■ Records supplied:
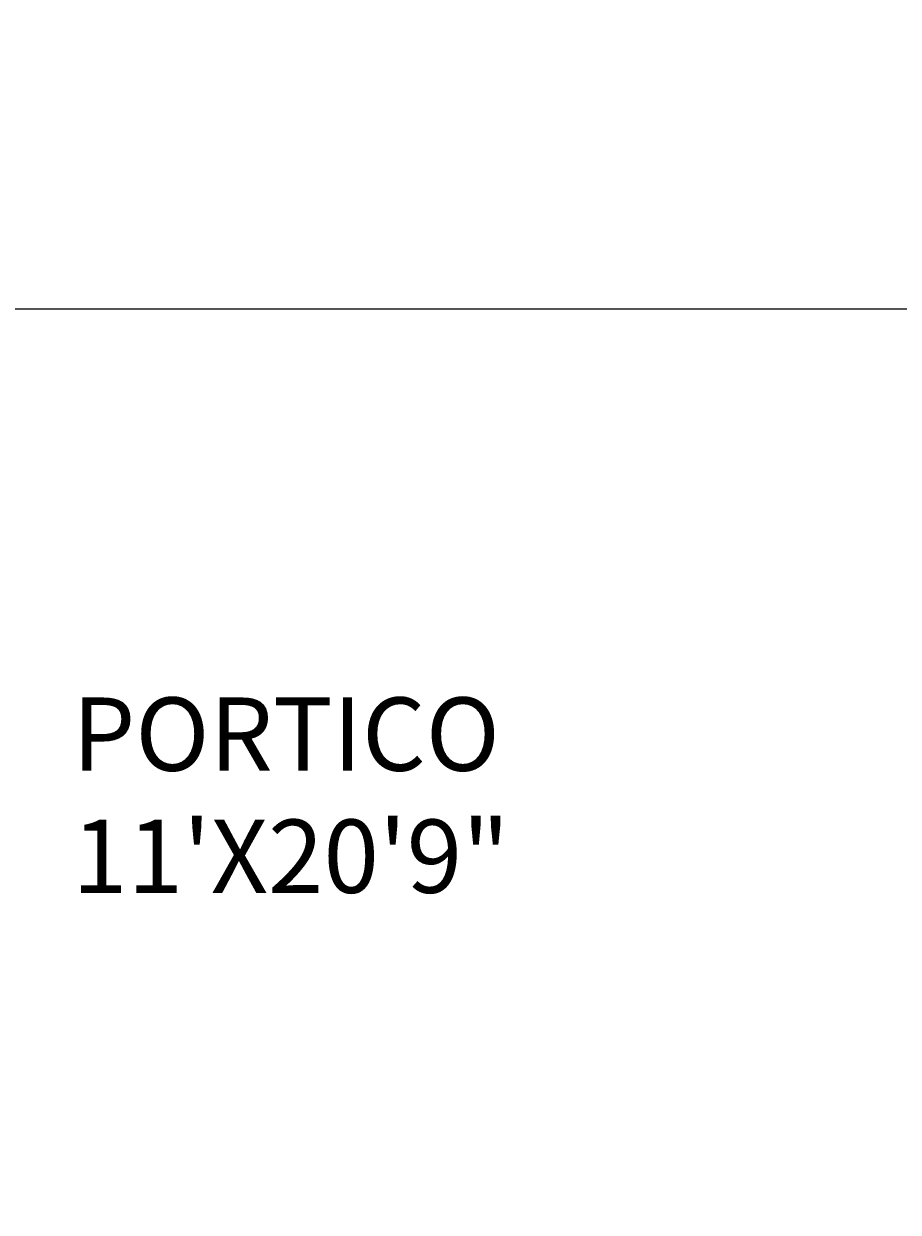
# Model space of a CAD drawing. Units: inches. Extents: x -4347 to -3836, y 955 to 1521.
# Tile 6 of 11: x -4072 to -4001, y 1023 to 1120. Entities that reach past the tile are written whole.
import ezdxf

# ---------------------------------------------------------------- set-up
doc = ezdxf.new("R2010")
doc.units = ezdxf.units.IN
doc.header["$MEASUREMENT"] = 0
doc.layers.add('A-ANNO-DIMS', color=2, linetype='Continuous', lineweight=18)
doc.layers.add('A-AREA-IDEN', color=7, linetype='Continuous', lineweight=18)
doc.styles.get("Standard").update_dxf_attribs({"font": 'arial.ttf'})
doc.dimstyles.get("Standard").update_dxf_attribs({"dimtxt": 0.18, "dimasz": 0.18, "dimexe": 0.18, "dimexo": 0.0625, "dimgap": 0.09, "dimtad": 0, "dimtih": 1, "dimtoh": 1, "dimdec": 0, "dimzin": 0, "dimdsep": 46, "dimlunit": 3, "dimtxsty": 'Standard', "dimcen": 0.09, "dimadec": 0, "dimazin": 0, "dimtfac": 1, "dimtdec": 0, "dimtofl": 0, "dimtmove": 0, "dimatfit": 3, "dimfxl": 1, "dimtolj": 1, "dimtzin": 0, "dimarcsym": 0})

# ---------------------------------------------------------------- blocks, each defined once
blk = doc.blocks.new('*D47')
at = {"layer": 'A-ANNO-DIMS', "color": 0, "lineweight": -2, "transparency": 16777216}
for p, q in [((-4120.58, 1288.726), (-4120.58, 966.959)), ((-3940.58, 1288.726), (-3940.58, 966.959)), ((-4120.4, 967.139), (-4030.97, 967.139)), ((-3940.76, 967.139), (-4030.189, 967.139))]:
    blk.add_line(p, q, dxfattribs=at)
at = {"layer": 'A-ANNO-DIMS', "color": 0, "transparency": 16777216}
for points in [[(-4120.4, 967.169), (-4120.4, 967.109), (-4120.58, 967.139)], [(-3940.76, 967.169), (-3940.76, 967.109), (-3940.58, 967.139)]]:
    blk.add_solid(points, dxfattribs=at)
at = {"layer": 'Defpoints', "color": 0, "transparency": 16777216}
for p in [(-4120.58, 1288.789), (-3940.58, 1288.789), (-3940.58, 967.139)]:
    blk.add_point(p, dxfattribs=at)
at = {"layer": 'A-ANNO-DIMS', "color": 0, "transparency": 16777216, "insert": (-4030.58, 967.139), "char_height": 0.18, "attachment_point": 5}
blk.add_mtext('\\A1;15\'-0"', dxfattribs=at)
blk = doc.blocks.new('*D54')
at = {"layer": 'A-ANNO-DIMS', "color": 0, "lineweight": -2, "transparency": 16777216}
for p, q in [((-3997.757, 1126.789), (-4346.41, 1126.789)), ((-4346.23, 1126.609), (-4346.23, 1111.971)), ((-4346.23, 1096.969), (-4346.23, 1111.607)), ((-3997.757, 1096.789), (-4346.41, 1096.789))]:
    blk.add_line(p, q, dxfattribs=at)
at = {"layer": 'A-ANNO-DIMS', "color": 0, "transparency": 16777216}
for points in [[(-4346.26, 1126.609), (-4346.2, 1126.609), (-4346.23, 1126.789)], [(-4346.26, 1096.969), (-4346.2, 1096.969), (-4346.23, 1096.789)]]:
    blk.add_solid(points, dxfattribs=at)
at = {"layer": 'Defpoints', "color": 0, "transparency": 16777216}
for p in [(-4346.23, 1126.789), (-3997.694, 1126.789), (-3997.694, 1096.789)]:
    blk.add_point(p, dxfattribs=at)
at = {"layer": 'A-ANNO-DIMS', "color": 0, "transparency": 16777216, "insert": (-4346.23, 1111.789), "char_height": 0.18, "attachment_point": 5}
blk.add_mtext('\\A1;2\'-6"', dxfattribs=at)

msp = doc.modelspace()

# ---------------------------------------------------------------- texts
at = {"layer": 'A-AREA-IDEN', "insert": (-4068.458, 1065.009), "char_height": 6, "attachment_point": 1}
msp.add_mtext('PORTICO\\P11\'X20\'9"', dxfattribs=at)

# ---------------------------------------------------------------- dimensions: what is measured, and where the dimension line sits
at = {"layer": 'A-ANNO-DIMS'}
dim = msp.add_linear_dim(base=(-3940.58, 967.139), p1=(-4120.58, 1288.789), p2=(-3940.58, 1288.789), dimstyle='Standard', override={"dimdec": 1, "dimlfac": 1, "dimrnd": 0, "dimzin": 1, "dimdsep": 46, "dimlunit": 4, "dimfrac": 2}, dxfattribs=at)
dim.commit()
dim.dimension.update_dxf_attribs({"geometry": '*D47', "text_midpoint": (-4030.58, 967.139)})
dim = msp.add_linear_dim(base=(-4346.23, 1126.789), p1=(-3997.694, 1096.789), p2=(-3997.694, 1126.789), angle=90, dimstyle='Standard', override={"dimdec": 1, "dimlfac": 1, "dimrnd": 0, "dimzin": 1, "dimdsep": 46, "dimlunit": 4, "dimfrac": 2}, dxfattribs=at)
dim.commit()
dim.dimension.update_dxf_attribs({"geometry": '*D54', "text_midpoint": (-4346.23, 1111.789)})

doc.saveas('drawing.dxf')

■ Exercise aim: Pictures don't belong in the copy. Transcribe every record exactly as it appears.

■ Answer section:
# Model space of a CAD drawing. Units: inches. Extents: x -4347 to -3836, y 955 to 1521.
# Tile 6 of 11: x -4072 to -4001, y 1023 to 1120. Entities that reach past the tile are written whole.
import ezdxf

# ---------------------------------------------------------------- set-up
doc = ezdxf.new("R2010")
doc.units = ezdxf.units.IN
doc.header["$MEASUREMENT"] = 0
doc.layers.add('A-ANNO-DIMS', color=2, linetype='Continuous', lineweight=18)
doc.layers.add('A-AREA-IDEN', color=7, linetype='Continuous', lineweight=18)
doc.styles.get("Standard").update_dxf_attribs({"font": 'arial.ttf'})
doc.dimstyles.get("Standard").update_dxf_attribs({"dimtxt": 0.18, "dimasz": 0.18, "dimexe": 0.18, "dimexo": 0.0625, "dimgap": 0.09, "dimtad": 0, "dimtih": 1, "dimtoh": 1, "dimdec": 0, "dimzin": 0, "dimdsep": 46, "dimlunit": 3, "dimtxsty": 'Standard', "dimcen": 0.09, "dimadec": 0, "dimazin": 0, "dimtfac": 1, "dimtdec": 0, "dimtofl": 0, "dimtmove": 0, "dimatfit": 3, "dimfxl": 1, "dimtolj": 1, "dimtzin": 0, "dimarcsym": 0})

# ---------------------------------------------------------------- blocks, each defined once
blk = doc.blocks.new('*D47')
at = {"layer": 'A-ANNO-DIMS', "color": 0, "lineweight": -2, "transparency": 16777216}
for p, q in [((-4120.58, 1288.726), (-4120.58, 966.959)), ((-3940.58, 1288.726), (-3940.58, 966.959)), ((-4120.4, 967.139), (-4030.97, 967.139)), ((-3940.76, 967.139), (-4030.189, 967.139))]:
    blk.add_line(p, q, dxfattribs=at)
at = {"layer": 'A-ANNO-DIMS', "color": 0, "transparency": 16777216}
for points in [[(-4120.4, 967.169), (-4120.4, 967.109), (-4120.58, 967.139)], [(-3940.76, 967.169), (-3940.76, 967.109), (-3940.58, 967.139)]]:
    blk.add_solid(points, dxfattribs=at)
at = {"layer": 'Defpoints', "color": 0, "transparency": 16777216}
for p in [(-4120.58, 1288.789), (-3940.58, 1288.789), (-3940.58, 967.139)]:
    blk.add_point(p, dxfattribs=at)
at = {"layer": 'A-ANNO-DIMS', "color": 0, "transparency": 16777216, "insert": (-4030.58, 967.139), "char_height": 0.18, "attachment_point": 5}
blk.add_mtext('\\A1;15\'-0"', dxfattribs=at)
blk = doc.blocks.new('*D54')
at = {"layer": 'A-ANNO-DIMS', "color": 0, "lineweight": -2, "transparency": 16777216}
for p, q in [((-3997.757, 1126.789), (-4346.41, 1126.789)), ((-4346.23, 1126.609), (-4346.23, 1111.971)), ((-4346.23, 1096.969), (-4346.23, 1111.607)), ((-3997.757, 1096.789), (-4346.41, 1096.789))]:
    blk.add_line(p, q, dxfattribs=at)
at = {"layer": 'A-ANNO-DIMS', "color": 0, "transparency": 16777216}
for points in [[(-4346.26, 1126.609), (-4346.2, 1126.609), (-4346.23, 1126.789)], [(-4346.26, 1096.969), (-4346.2, 1096.969), (-4346.23, 1096.789)]]:
    blk.add_solid(points, dxfattribs=at)
at = {"layer": 'Defpoints', "color": 0, "transparency": 16777216}
for p in [(-4346.23, 1126.789), (-3997.694, 1126.789), (-3997.694, 1096.789)]:
    blk.add_point(p, dxfattribs=at)
at = {"layer": 'A-ANNO-DIMS', "color": 0, "transparency": 16777216, "insert": (-4346.23, 1111.789), "char_height": 0.18, "attachment_point": 5}
blk.add_mtext('\\A1;2\'-6"', dxfattribs=at)

msp = doc.modelspace()

# ---------------------------------------------------------------- texts
at = {"layer": 'A-AREA-IDEN', "insert": (-4068.458, 1065.009), "char_height": 6, "attachment_point": 1}
msp.add_mtext('PORTICO\\P11\'X20\'9"', dxfattribs=at)

# ---------------------------------------------------------------- dimensions: what is measured, and where the dimension line sits
at = {"layer": 'A-ANNO-DIMS'}
dim = msp.add_linear_dim(base=(-3940.58, 967.139), p1=(-4120.58, 1288.789), p2=(-3940.58, 1288.789), dimstyle='Standard', override={"dimdec": 1, "dimlfac": 1, "dimrnd": 0, "dimzin": 1, "dimdsep": 46, "dimlunit": 4, "dimfrac": 2}, dxfattribs=at)
dim.commit()
dim.dimension.update_dxf_attribs({"geometry": '*D47', "text_midpoint": (-4030.58, 967.139)})
dim = msp.add_linear_dim(base=(-4346.23, 1126.789), p1=(-3997.694, 1096.789), p2=(-3997.694, 1126.789), angle=90, dimstyle='Standard', override={"dimdec": 1, "dimlfac": 1, "dimrnd": 0, "dimzin": 1, "dimdsep": 46, "dimlunit": 4, "dimfrac": 2}, dxfattribs=at)
dim.commit()
dim.dimension.update_dxf_attribs({"geometry": '*D54', "text_midpoint": (-4346.23, 1111.789)})

doc.saveas('drawing.dxf')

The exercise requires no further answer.